↓

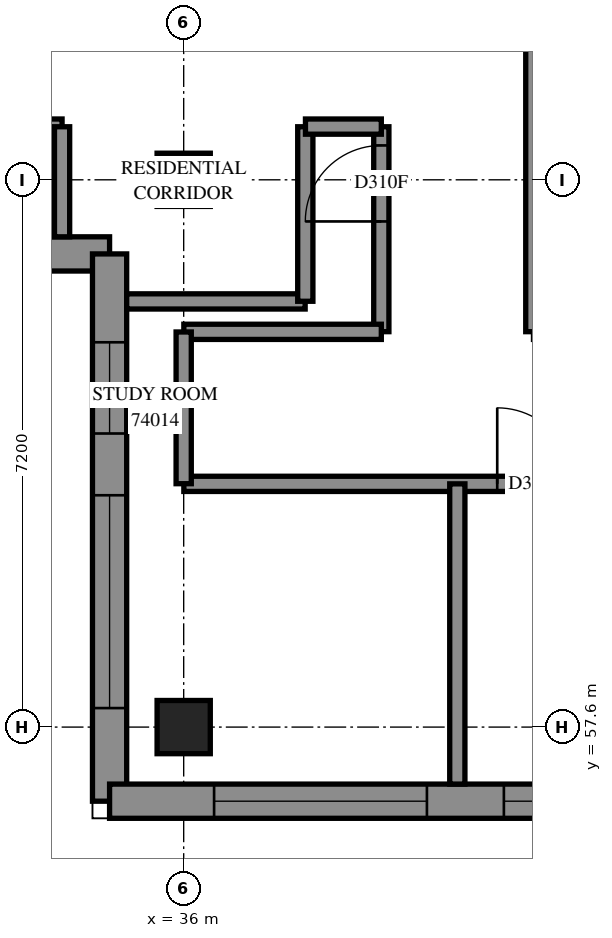
"""IFC4 building model, lengths in metres.
Left out: names, types, materials, properties, quantities, classifications, styles, units other than length and angle.
Written with IfcOpenShell. Run it as: python <this file> out.ifc"""

import sys

from ifc_helpers import new_model, si_unit, direction, frame, frame_2d, origin, origin_2d, place, context, subcontext, project, spatial, polyline, rectangle, outline, extrude, element, fill, save


model = new_model("IFC4")
c1 = context("Model", 3, precision=1e-05, world=origin(), true_north=direction((0.0, 1.0)))
c2 = subcontext(c1, "Body", "Model", "MODEL_VIEW")
j1 = project(units=[si_unit("LENGTHUNIT", "METRE"), si_unit("PLANEANGLEUNIT", "RADIAN")], contexts=[c1])
p1 = place(None, origin())
s1 = spatial("IfcSite", under=j1, at=p1, CompositionType="ELEMENT")
p2 = place(p1, origin())
s2 = spatial("IfcBuilding", under=s1, at=p2, CompositionType="ELEMENT")
p3 = place(p2, frame((0.0, 0.0, 271.0)))
s3 = spatial("IfcBuildingStorey", under=s2, at=p3, CompositionType="ELEMENT", Elevation=271.0)
for number, where, z_axis, x_axis in (
    (1, (36.0, 57.6, 0.0), (0.0, 0.0, 1.0), (1.0, 0.0, 0.0)),
    (2, (36.0, 64.8, 0.0), (0.0, 0.0, 1.0), (1.0, 0.0, 0.0)),
):
    element("IfcColumn", number, at=place(p3, frame(where, z_axis=z_axis, x_axis=x_axis)), inside=s3, PredefinedType="COLUMN", context=c2, shape_type="SweptSolid", body=[
        extrude(rectangle(XDim=0.7, YDim=0.7, at=origin_2d()), origin(), (0.0, 0.0, 1.0), 3.1),
    ])
p4 = place(p3, frame((26.683, 63.825, 0.0), z_axis=(0.0, 0.0, 1.0), x_axis=(1.0, 0.0, 0.0)))
e3 = element("IfcWall", 3, at=p4, inside=s3, PredefinedType="SOLIDWALL", context=c2, shape_type="SweptSolid", body=[
    extrude(outline(polyline([(-0.225, -0.225), (8.117, -0.225), (8.567, 0.225), (0.225, 0.225), (-0.225, -0.225)])), origin(), (0.0, 0.0, 1.0), 3.1),
])
p5 = place(p4, frame((2.517, 0.0, 0.45)))
e4 = element("IfcOpeningElement", 4, at=p5, cuts=e3, PredefinedType="OPENING", context=c2, shape_type="SweptSolid", body=[
    extrude(rectangle(XDim=2.8, YDim=2.55, at=frame_2d((1.4, 1.275))), frame((0.0, 0.235, 0.0), z_axis=(0.0, -1.0, 0.0), x_axis=(1.0, 0.0, 0.0)), (0.0, 0.0, 1.0), 0.47),
])
p6 = place(p4, frame((0.671, 0.0, 0.45)))
e5 = element("IfcOpeningElement", 5, at=p6, cuts=e3, PredefinedType="OPENING", context=c2, shape_type="SweptSolid", body=[
    extrude(rectangle(XDim=1.2, YDim=2.55, at=frame_2d((0.6, 1.275))), frame((0.0, 0.235, 0.0), z_axis=(0.0, -1.0, 0.0), x_axis=(1.0, 0.0, 0.0)), (0.0, 0.0, 1.0), 0.47),
])
p7 = place(p4, frame((6.33, 0.0, 0.45)))
e6 = element("IfcOpeningElement", 6, at=p7, cuts=e3, PredefinedType="OPENING", context=c2, shape_type="SweptSolid", body=[
    extrude(rectangle(XDim=1.2, YDim=2.55, at=frame_2d((0.6, 1.275))), frame((0.0, 0.235, 0.0), z_axis=(0.0, -1.0, 0.0), x_axis=(1.0, 0.0, 0.0)), (0.0, 0.0, 1.0), 0.47),
])
p8 = place(p3, frame((35.025, 63.825, 0.0), z_axis=(0.0, 0.0, 1.0), x_axis=(0.0, -1.0, 0.0)))
e7 = element("IfcWall", 7, at=p8, inside=s3, PredefinedType="SOLIDWALL", context=c2, shape_type="SweptSolid", body=[
    extrude(outline(polyline([(0.225, -0.225), (7.425, -0.225), (6.975, 0.225), (-0.225, 0.225), (0.225, -0.225)])), origin(), (0.0, 0.0, 1.0), 3.1),
])
p9 = place(p8, frame((3.175, 0.0, 0.45)))
e8 = element("IfcOpeningElement", 8, at=p9, cuts=e7, PredefinedType="OPENING", context=c2, shape_type="SweptSolid", body=[
    extrude(rectangle(XDim=2.8, YDim=2.55, at=frame_2d((1.4, 1.275))), frame((0.0, 0.235, 0.0), z_axis=(0.0, -1.0, 0.0), x_axis=(1.0, 0.0, 0.0)), (0.0, 0.0, 1.0), 0.47),
])
p10 = place(p8, frame((1.163, 0.0, 0.45)))
e9 = element("IfcOpeningElement", 9, at=p10, cuts=e7, PredefinedType="OPENING", context=c2, shape_type="SweptSolid", body=[
    extrude(rectangle(XDim=1.2, YDim=2.55, at=frame_2d((0.6, 1.275))), frame((0.0, 0.235, 0.0), z_axis=(0.0, -1.0, 0.0), x_axis=(1.0, 0.0, 0.0)), (0.0, 0.0, 1.0), 0.47),
])
p11 = place(p3, frame((35.025, 56.625, 0.0), z_axis=(0.0, 0.0, 1.0), x_axis=(1.0, 0.0, 0.0)))
e10 = element("IfcWall", 10, at=p11, inside=s3, PredefinedType="SOLIDWALL", context=c2, shape_type="SweptSolid", body=[
    extrude(outline(polyline([(-0.225, -0.225), (6.975, -0.225), (7.425, 0.225), (0.225, 0.225), (-0.225, -0.225)])), origin(), (0.0, 0.0, 1.0), 3.1),
])
p12 = place(p11, frame((1.375, 0.0, 0.45)))
e11 = element("IfcOpeningElement", 11, at=p12, cuts=e10, PredefinedType="OPENING", context=c2, shape_type="SweptSolid", body=[
    extrude(rectangle(XDim=2.8, YDim=2.55, at=frame_2d((1.4, 1.275))), frame((0.0, 0.235, 0.0), z_axis=(0.0, -1.0, 0.0), x_axis=(1.0, 0.0, 0.0)), (0.0, 0.0, 1.0), 0.47),
])
p13 = place(p11, frame((5.188, 0.0, 0.45)))
e12 = element("IfcOpeningElement", 12, at=p13, cuts=e10, PredefinedType="OPENING", context=c2, shape_type="SweptSolid", body=[
    extrude(rectangle(XDim=1.2, YDim=2.55, at=frame_2d((0.6, 1.275))), frame((0.0, 0.235, 0.0), z_axis=(0.0, -1.0, 0.0), x_axis=(1.0, 0.0, 0.0)), (0.0, 0.0, 1.0), 0.47),
])
p14 = place(p3, frame((36.002, 60.8, 0.0), z_axis=(0.0, 0.0, 1.0), x_axis=(1.0, 0.0, 0.0)))
e13 = element("IfcWall", 13, at=p14, inside=s3, PredefinedType="PARTITIONING", context=c2, shape_type="SweptSolid", body=[
    extrude(rectangle(XDim=16.998, YDim=0.2, at=frame_2d((8.499, 0.0))), origin(), (0.0, 0.0, 1.0), 3.1),
])
p15 = place(p14, frame((4.123, 0.0, 0.0)))
e14 = element("IfcOpeningElement", 14, at=p15, cuts=e13, PredefinedType="OPENING", context=c2, shape_type="SweptSolid", body=[
    extrude(rectangle(XDim=1.0, YDim=2.1, at=frame_2d((0.5, 1.05))), frame((0.0, 0.11, 0.0), z_axis=(0.0, -1.0, 0.0), x_axis=(1.0, 0.0, 0.0)), (0.0, 0.0, 1.0), 0.22),
])
p16 = place(p14, frame((9.23, 0.0, 0.0)))
e15 = element("IfcOpeningElement", 15, at=p16, cuts=e13, PredefinedType="OPENING", context=c2, shape_type="SweptSolid", body=[
    extrude(rectangle(XDim=1.0, YDim=2.1, at=frame_2d((0.5, 1.05))), frame((0.0, 0.11, 0.0), z_axis=(0.0, -1.0, 0.0), x_axis=(1.0, 0.0, 0.0)), (0.0, 0.0, 1.0), 0.22),
])
p17 = place(p14, frame((11.306, 0.0, 0.0)))
e16 = element("IfcOpeningElement", 16, at=p17, cuts=e13, PredefinedType="OPENING", context=c2, shape_type="SweptSolid", body=[
    extrude(rectangle(XDim=1.0, YDim=2.1, at=frame_2d((0.5, 1.05))), frame((0.0, 0.11, 0.0), z_axis=(0.0, -1.0, 0.0), x_axis=(1.0, 0.0, 0.0)), (0.0, 0.0, 1.0), 0.22),
])
p18 = place(p14, frame((15.872, 0.0, 0.0)))
e17 = element("IfcOpeningElement", 17, at=p18, cuts=e13, PredefinedType="OPENING", context=c2, shape_type="SweptSolid", body=[
    extrude(rectangle(XDim=1.0, YDim=2.1, at=frame_2d((0.5, 1.05))), frame((0.0, 0.11, 0.0), z_axis=(0.0, -1.0, 0.0), x_axis=(1.0, 0.0, 0.0)), (0.0, 0.0, 1.0), 0.22),
])
p19 = place(p3, frame((28.802, 65.5, 0.0), z_axis=(0.0, 0.0, 1.0), x_axis=(1.0, 0.0, 0.0)))
e18 = element("IfcWall", 18, at=p19, inside=s3, PredefinedType="PARTITIONING", context=c2, shape_type="SweptSolid", body=[
    extrude(rectangle(XDim=5.598, YDim=0.2, at=frame_2d((2.799, 0.0))), origin(), (0.0, 0.0, 1.0), 3.1),
])
p20 = place(p19, frame((2.702, 0.0, 0.0)))
e19 = element("IfcOpeningElement", 19, at=p20, cuts=e18, PredefinedType="OPENING", context=c2, shape_type="SweptSolid", body=[
    extrude(rectangle(XDim=1.0, YDim=2.1, at=frame_2d((0.5, 1.05))), frame((0.0, 0.11, 0.0), z_axis=(0.0, -1.0, 0.0), x_axis=(1.0, 0.0, 0.0)), (0.0, 0.0, 1.0), 0.22),
])
p21 = place(p3, frame((40.6, 62.802, 0.0), z_axis=(0.0, 0.0, 1.0), x_axis=(0.0, 1.0, 0.0)))
e20 = element("IfcWall", 20, at=p21, inside=s3, PredefinedType="PARTITIONING", context=c2, shape_type="SweptSolid", body=[
    extrude(rectangle(XDim=4.698, YDim=0.2, at=frame_2d((2.349, 0.0))), origin(), (0.0, 0.0, 1.0), 3.1),
])
p22 = place(p3, frame((39.6, 56.85, 0.0), z_axis=(0.0, 0.0, 1.0), x_axis=(0.0, 1.0, 0.0)))
e21 = element("IfcWall", 21, at=p22, inside=s3, PredefinedType="PARTITIONING", context=c2, shape_type="SweptSolid", body=[
    extrude(rectangle(XDim=3.95, YDim=0.2, at=frame_2d((1.975, 0.0))), origin(), (0.0, 0.0, 1.0), 3.1),
])
p23 = place(p3, frame((38.6, 62.802, 0.0), z_axis=(0.0, 0.0, 1.0), x_axis=(0.0, 1.0, 0.0)))
e22 = element("IfcWall", 22, at=p23, inside=s3, PredefinedType="PARTITIONING", context=c2, shape_type="SweptSolid", body=[
    extrude(rectangle(XDim=2.696, YDim=0.2, at=frame_2d((1.348, 0.0))), origin(), (0.0, 0.0, 1.0), 3.1),
])
p24 = place(p23, frame((1.45, 0.0, 0.0)))
e23 = element("IfcOpeningElement", 23, at=p24, cuts=e22, PredefinedType="OPENING", context=c2, shape_type="SweptSolid", body=[
    extrude(rectangle(XDim=1.0, YDim=2.1, at=frame_2d((0.5, 1.05))), frame((0.0, 0.11, 0.0), z_axis=(0.0, -1.0, 0.0), x_axis=(1.0, 0.0, 0.0)), (0.0, 0.0, 1.0), 0.22),
])
p25 = place(p3, frame((36.002, 62.8, 0.0), z_axis=(0.0, 0.0, 1.0), x_axis=(1.0, 0.0, 0.0)))
e24 = element("IfcWall", 24, at=p25, inside=s3, PredefinedType="PARTITIONING", context=c2, shape_type="SweptSolid", body=[
    extrude(rectangle(XDim=2.598, YDim=0.2, at=frame_2d((1.299, 0.0))), origin(), (0.0, 0.0, 1.0), 3.1),
])
p26 = place(p3, frame((35.25, 63.2, 0.0), z_axis=(0.0, 0.0, 1.0), x_axis=(1.0, 0.0, 0.0)))
e25 = element("IfcWall", 25, at=p26, inside=s3, PredefinedType="PARTITIONING", context=c2, shape_type="SweptSolid", body=[
    extrude(rectangle(XDim=2.348, YDim=0.2, at=frame_2d((1.174, 0.0))), origin(), (0.0, 0.0, 1.0), 3.1),
])
p27 = place(p3, frame((37.6, 63.202, 0.0), z_axis=(0.0, 0.0, 1.0), x_axis=(0.0, 1.0, 0.0)))
e26 = element("IfcWall", 26, at=p27, inside=s3, PredefinedType="PARTITIONING", context=c2, shape_type="SweptSolid", body=[
    extrude(rectangle(XDim=2.296, YDim=0.2, at=frame_2d((1.148, 0.0))), origin(), (0.0, 0.0, 1.0), 3.1),
])
p28 = place(p3, frame((36.0, 60.802, 0.0), z_axis=(0.0, 0.0, 1.0), x_axis=(0.0, 1.0, 0.0)))
e27 = element("IfcWall", 27, at=p28, inside=s3, PredefinedType="PARTITIONING", context=c2, shape_type="SweptSolid", body=[
    extrude(rectangle(XDim=1.996, YDim=0.2, at=frame_2d((0.998, 0.0))), origin(), (0.0, 0.0, 1.0), 2.6),
])
p29 = place(p3, frame((34.4, 64.05, 0.0), z_axis=(0.0, 0.0, 1.0), x_axis=(0.0, 1.0, 0.0)))
e28 = element("IfcWall", 28, at=p29, inside=s3, PredefinedType="PARTITIONING", context=c2, shape_type="SweptSolid", body=[
    extrude(rectangle(XDim=1.448, YDim=0.2, at=frame_2d((0.724, 0.0))), origin(), (0.0, 0.0, 1.0), 3.1),
])
p30 = place(p3, frame((37.602, 65.5, 0.0), z_axis=(0.0, 0.0, 1.0), x_axis=(1.0, 0.0, 0.0)))
e29 = element("IfcWall", 29, at=p30, inside=s3, PredefinedType="PARTITIONING", context=c2, shape_type="SweptSolid", body=[
    extrude(rectangle(XDim=0.998, YDim=0.2, at=frame_2d((0.499, 0.0))), origin(), (0.0, 0.0, 1.0), 3.1),
])
p31 = place(p9, origin())
e30 = element("IfcWindow", 30, at=p31, inside=s3, PartitioningType="SINGLE_PANEL", PredefinedType="WINDOW", context=c2, shape_type="SweptSolid", body=[
    extrude(rectangle(XDim=2.8, YDim=2.55, at=frame_2d((1.4, 1.275))), frame((0.0, 0.205, 0.0), z_axis=(0.0, -1.0, 0.0), x_axis=(1.0, 0.0, 0.0)), (0.0, 0.0, 1.0), 0.06),
])
fill(e8, e30)
p32 = place(p10, origin())
e31 = element("IfcWindow", 31, at=p32, inside=s3, PartitioningType="SINGLE_PANEL", PredefinedType="WINDOW", context=c2, shape_type="SweptSolid", body=[
    extrude(rectangle(XDim=1.2, YDim=2.55, at=frame_2d((0.6, 1.275))), frame((0.0, 0.205, 0.0), z_axis=(0.0, -1.0, 0.0), x_axis=(1.0, 0.0, 0.0)), (0.0, 0.0, 1.0), 0.06),
])
fill(e9, e31)
p33 = place(p12, origin())
e32 = element("IfcWindow", 32, at=p33, inside=s3, PartitioningType="SINGLE_PANEL", PredefinedType="WINDOW", context=c2, shape_type="SweptSolid", body=[
    extrude(rectangle(XDim=2.8, YDim=2.55, at=frame_2d((1.4, 1.275))), frame((0.0, 0.205, 0.0), z_axis=(0.0, -1.0, 0.0), x_axis=(1.0, 0.0, 0.0)), (0.0, 0.0, 1.0), 0.06),
])
fill(e11, e32)
p34 = place(p13, origin())
e33 = element("IfcWindow", 33, at=p34, inside=s3, PartitioningType="SINGLE_PANEL", PredefinedType="WINDOW", context=c2, shape_type="SweptSolid", body=[
    extrude(rectangle(XDim=1.2, YDim=2.55, at=frame_2d((0.6, 1.275))), frame((0.0, 0.205, 0.0), z_axis=(0.0, -1.0, 0.0), x_axis=(1.0, 0.0, 0.0)), (0.0, 0.0, 1.0), 0.06),
])
fill(e12, e33)
p35 = place(p24, origin())
e34 = element("IfcDoor", 34, at=p35, inside=s3, OperationType="SINGLE_SWING_LEFT", PredefinedType="DOOR", context=c2, shape_type="SweptSolid", body=[
    extrude(rectangle(XDim=1.0, YDim=2.1, at=frame_2d((0.5, 1.05))), frame((0.0, 0.025, 0.0), z_axis=(0.0, -1.0, 0.0), x_axis=(1.0, 0.0, 0.0)), (0.0, 0.0, 1.0), 0.05),
])
fill(e23, e34)
p36 = place(p15, origin())
e35 = element("IfcDoor", 35, at=p36, inside=s3, OperationType="SINGLE_SWING_RIGHT", PredefinedType="DOOR", context=c2, shape_type="SweptSolid", body=[
    extrude(rectangle(XDim=1.0, YDim=2.1, at=frame_2d((0.5, 1.05))), frame((0.0, 0.025, 0.0), z_axis=(0.0, -1.0, 0.0), x_axis=(1.0, 0.0, 0.0)), (0.0, 0.0, 1.0), 0.05),
])
fill(e14, e35)
save(model, sys.argv[1])

↑

◆ What the exercise asks ◆
In the entries above, the lines between the one holding "63.825, 0.0), z_axis=(0.0, 0.0, 1.0), x_axis=(1.0, 0.0, 0.0)))" and the one holding "p10 = place(p8, frame((1.163, 0.0, 0.45)))", inclusive, are to be printed exactly as written, and those alone.

◆ Answer for the task ◆
p4 = place(p3, frame((26.683, 63.825, 0.0), z_axis=(0.0, 0.0, 1.0), x_axis=(1.0, 0.0, 0.0)))
e3 = element("IfcWall", 3, at=p4, inside=s3, PredefinedType="SOLIDWALL", context=c2, shape_type="SweptSolid", body=[
    extrude(outline(polyline([(-0.225, -0.225), (8.117, -0.225), (8.567, 0.225), (0.225, 0.225), (-0.225, -0.225)])), origin(), (0.0, 0.0, 1.0), 3.1),
])
p5 = place(p4, frame((2.517, 0.0, 0.45)))
e4 = element("IfcOpeningElement", 4, at=p5, cuts=e3, PredefinedType="OPENING", context=c2, shape_type="SweptSolid", body=[
    extrude(rectangle(XDim=2.8, YDim=2.55, at=frame_2d((1.4, 1.275))), frame((0.0, 0.235, 0.0), z_axis=(0.0, -1.0, 0.0), x_axis=(1.0, 0.0, 0.0)), (0.0, 0.0, 1.0), 0.47),
])
p6 = place(p4, frame((0.671, 0.0, 0.45)))
e5 = element("IfcOpeningElement", 5, at=p6, cuts=e3, PredefinedType="OPENING", context=c2, shape_type="SweptSolid", body=[
    extrude(rectangle(XDim=1.2, YDim=2.55, at=frame_2d((0.6, 1.275))), frame((0.0, 0.235, 0.0), z_axis=(0.0, -1.0, 0.0), x_axis=(1.0, 0.0, 0.0)), (0.0, 0.0, 1.0), 0.47),
])
p7 = place(p4, frame((6.33, 0.0, 0.45)))
e6 = element("IfcOpeningElement", 6, at=p7, cuts=e3, PredefinedType="OPENING", context=c2, shape_type="SweptSolid", body=[
    extrude(rectangle(XDim=1.2, YDim=2.55, at=frame_2d((0.6, 1.275))), frame((0.0, 0.235, 0.0), z_axis=(0.0, -1.0, 0.0), x_axis=(1.0, 0.0, 0.0)), (0.0, 0.0, 1.0), 0.47),
])
p8 = place(p3, frame((35.025, 63.825, 0.0), z_axis=(0.0, 0.0, 1.0), x_axis=(0.0, -1.0, 0.0)))
e7 = element("IfcWall", 7, at=p8, inside=s3, PredefinedType="SOLIDWALL", context=c2, shape_type="SweptSolid", body=[
    extrude(outline(polyline([(0.225, -0.225), (7.425, -0.225), (6.975, 0.225), (-0.225, 0.225), (0.225, -0.225)])), origin(), (0.0, 0.0, 1.0), 3.1),
])
p9 = place(p8, frame((3.175, 0.0, 0.45)))
e8 = element("IfcOpeningElement", 8, at=p9, cuts=e7, PredefinedType="OPENING", context=c2, shape_type="SweptSolid", body=[
    extrude(rectangle(XDim=2.8, YDim=2.55, at=frame_2d((1.4, 1.275))), frame((0.0, 0.235, 0.0), z_axis=(0.0, -1.0, 0.0), x_axis=(1.0, 0.0, 0.0)), (0.0, 0.0, 1.0), 0.47),
])
p10 = place(p8, frame((1.163, 0.0, 0.45)))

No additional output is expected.